Task directions: Each line that contains the word "project" is to be copied from the records below.

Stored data
════════
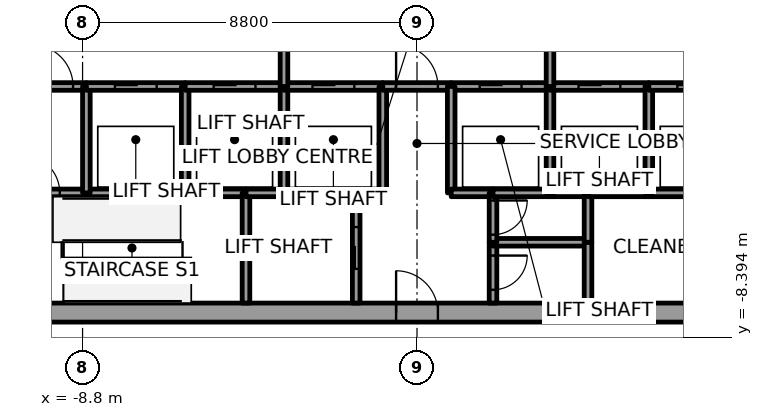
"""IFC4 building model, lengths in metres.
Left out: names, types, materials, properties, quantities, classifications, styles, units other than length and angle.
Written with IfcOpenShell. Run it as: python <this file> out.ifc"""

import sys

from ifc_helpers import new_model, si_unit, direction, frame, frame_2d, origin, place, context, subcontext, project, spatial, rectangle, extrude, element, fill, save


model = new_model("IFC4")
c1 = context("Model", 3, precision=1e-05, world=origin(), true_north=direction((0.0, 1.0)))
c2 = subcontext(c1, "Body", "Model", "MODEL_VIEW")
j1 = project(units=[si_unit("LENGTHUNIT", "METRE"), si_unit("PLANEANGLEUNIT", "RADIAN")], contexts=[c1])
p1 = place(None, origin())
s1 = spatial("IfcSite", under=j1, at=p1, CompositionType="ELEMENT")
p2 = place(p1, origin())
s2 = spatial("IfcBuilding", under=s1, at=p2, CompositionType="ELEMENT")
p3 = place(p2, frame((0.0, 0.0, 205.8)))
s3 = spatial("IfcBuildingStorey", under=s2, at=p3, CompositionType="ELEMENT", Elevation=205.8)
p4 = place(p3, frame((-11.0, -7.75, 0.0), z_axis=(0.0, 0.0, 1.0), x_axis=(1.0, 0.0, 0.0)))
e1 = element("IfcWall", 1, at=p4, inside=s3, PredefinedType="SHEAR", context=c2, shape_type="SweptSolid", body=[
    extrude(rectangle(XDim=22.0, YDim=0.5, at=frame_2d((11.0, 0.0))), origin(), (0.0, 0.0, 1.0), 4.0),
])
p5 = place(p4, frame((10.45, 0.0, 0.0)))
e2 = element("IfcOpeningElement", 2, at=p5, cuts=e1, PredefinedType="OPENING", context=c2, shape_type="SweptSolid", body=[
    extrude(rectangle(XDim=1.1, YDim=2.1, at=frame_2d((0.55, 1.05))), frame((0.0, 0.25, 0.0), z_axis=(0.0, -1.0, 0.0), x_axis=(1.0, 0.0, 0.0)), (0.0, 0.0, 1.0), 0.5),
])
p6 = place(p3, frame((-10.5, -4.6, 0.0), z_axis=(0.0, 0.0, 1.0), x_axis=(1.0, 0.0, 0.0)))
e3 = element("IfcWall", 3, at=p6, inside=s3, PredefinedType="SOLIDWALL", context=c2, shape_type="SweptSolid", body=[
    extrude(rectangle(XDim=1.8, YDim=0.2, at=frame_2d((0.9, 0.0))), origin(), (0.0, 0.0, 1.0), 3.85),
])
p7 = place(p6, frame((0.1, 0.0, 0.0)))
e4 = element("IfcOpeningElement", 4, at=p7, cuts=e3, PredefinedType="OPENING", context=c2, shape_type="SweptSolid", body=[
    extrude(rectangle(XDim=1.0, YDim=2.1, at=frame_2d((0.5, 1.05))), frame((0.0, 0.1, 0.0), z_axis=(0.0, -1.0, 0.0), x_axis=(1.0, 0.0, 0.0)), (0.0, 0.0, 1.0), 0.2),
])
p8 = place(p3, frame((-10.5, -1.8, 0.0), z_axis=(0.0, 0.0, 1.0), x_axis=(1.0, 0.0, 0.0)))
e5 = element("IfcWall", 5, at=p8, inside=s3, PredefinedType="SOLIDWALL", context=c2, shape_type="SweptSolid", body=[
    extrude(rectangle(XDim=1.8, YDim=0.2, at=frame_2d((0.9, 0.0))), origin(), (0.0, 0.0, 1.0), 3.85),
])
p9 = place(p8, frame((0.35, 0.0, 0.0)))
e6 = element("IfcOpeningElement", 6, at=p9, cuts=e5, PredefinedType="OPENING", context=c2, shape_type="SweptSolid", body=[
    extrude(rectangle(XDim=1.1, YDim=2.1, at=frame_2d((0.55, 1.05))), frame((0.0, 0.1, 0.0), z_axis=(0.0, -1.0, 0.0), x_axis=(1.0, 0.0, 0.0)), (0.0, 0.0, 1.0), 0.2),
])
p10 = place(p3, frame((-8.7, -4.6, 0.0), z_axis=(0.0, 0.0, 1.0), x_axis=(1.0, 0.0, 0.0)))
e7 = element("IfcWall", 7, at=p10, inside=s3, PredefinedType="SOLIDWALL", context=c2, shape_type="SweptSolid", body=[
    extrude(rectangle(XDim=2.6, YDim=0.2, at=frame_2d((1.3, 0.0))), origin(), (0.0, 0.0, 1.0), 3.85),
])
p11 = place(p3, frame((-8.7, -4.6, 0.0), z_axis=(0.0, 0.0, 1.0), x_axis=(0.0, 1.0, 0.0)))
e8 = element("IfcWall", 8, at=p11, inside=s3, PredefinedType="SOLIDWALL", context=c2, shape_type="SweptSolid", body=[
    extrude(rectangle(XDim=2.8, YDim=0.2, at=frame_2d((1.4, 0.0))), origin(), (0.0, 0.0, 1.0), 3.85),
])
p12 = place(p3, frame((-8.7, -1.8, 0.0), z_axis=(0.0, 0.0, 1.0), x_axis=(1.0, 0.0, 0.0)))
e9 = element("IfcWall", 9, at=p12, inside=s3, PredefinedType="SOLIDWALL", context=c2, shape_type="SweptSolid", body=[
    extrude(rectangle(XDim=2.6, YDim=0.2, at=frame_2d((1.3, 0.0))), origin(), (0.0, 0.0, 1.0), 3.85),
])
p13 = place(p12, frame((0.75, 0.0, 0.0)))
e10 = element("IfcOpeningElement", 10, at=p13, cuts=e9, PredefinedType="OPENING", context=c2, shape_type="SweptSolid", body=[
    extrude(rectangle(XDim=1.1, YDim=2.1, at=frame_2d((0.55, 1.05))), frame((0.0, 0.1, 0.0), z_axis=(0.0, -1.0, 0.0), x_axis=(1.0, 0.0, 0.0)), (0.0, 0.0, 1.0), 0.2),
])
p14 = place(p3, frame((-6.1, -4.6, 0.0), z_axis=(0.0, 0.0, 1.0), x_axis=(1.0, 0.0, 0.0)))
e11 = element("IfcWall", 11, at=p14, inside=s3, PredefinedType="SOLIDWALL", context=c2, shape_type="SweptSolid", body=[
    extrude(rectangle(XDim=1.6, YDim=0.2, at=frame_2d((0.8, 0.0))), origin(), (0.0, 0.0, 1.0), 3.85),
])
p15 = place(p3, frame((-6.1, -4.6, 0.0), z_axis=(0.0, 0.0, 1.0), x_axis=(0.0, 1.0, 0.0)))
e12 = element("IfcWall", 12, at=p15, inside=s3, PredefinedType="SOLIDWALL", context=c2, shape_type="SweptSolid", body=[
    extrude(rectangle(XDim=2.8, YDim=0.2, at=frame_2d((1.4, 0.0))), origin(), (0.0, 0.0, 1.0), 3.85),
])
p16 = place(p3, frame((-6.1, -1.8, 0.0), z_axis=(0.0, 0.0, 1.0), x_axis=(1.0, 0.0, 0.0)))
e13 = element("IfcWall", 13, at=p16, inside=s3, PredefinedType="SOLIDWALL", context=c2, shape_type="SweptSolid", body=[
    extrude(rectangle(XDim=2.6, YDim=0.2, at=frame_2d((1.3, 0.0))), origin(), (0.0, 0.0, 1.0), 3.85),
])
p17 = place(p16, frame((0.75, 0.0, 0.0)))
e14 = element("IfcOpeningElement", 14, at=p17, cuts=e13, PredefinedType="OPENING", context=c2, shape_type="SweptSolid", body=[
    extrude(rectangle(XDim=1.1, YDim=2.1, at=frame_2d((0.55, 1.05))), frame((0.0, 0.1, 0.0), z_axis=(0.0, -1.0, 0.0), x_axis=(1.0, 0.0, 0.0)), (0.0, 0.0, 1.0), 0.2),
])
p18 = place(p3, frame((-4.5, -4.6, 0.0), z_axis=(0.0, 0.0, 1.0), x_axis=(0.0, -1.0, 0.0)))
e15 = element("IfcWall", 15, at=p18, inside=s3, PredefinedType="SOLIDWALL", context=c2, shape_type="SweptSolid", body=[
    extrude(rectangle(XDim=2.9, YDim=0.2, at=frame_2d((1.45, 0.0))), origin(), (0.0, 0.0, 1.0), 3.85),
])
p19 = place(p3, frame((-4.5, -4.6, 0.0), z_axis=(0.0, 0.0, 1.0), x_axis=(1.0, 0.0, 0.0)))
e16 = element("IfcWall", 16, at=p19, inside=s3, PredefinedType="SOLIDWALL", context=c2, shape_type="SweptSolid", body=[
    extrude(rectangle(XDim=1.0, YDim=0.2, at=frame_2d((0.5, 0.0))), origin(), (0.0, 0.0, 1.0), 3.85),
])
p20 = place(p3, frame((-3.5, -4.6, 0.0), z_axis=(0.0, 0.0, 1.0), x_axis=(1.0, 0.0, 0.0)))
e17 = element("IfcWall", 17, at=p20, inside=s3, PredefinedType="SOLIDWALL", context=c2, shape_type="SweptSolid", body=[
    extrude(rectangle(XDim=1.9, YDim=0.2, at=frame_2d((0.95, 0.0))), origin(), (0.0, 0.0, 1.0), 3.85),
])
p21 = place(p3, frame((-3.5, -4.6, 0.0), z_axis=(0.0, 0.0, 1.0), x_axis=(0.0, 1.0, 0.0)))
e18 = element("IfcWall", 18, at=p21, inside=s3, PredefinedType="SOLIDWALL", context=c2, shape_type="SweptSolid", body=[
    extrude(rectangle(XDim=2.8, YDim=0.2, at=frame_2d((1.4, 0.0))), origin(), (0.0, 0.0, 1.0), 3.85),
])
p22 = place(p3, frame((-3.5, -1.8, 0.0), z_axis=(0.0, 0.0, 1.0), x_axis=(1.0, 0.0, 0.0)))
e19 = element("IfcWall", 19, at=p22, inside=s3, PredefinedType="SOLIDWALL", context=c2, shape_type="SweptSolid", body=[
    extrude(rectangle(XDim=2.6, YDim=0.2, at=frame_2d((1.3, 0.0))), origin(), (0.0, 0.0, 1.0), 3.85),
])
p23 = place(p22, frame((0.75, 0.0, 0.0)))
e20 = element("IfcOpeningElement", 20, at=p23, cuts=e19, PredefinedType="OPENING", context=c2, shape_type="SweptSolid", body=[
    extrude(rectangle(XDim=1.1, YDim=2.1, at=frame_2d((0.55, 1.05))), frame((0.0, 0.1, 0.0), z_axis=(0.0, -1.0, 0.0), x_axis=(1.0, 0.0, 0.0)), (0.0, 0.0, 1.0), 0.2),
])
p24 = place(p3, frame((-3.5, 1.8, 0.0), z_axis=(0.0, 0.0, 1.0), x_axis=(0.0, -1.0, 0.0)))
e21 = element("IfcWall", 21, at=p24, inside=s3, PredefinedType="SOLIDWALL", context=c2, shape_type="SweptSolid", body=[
════════
Output of the task:
from ifc_helpers import new_model, si_unit, direction, frame, frame_2d, origin, place, context, subcontext, project, spatial, rectangle, extrude, element, fill, save
j1 = project(units=[si_unit("LENGTHUNIT", "METRE"), si_unit("PLANEANGLEUNIT", "RADIAN")], contexts=[c1])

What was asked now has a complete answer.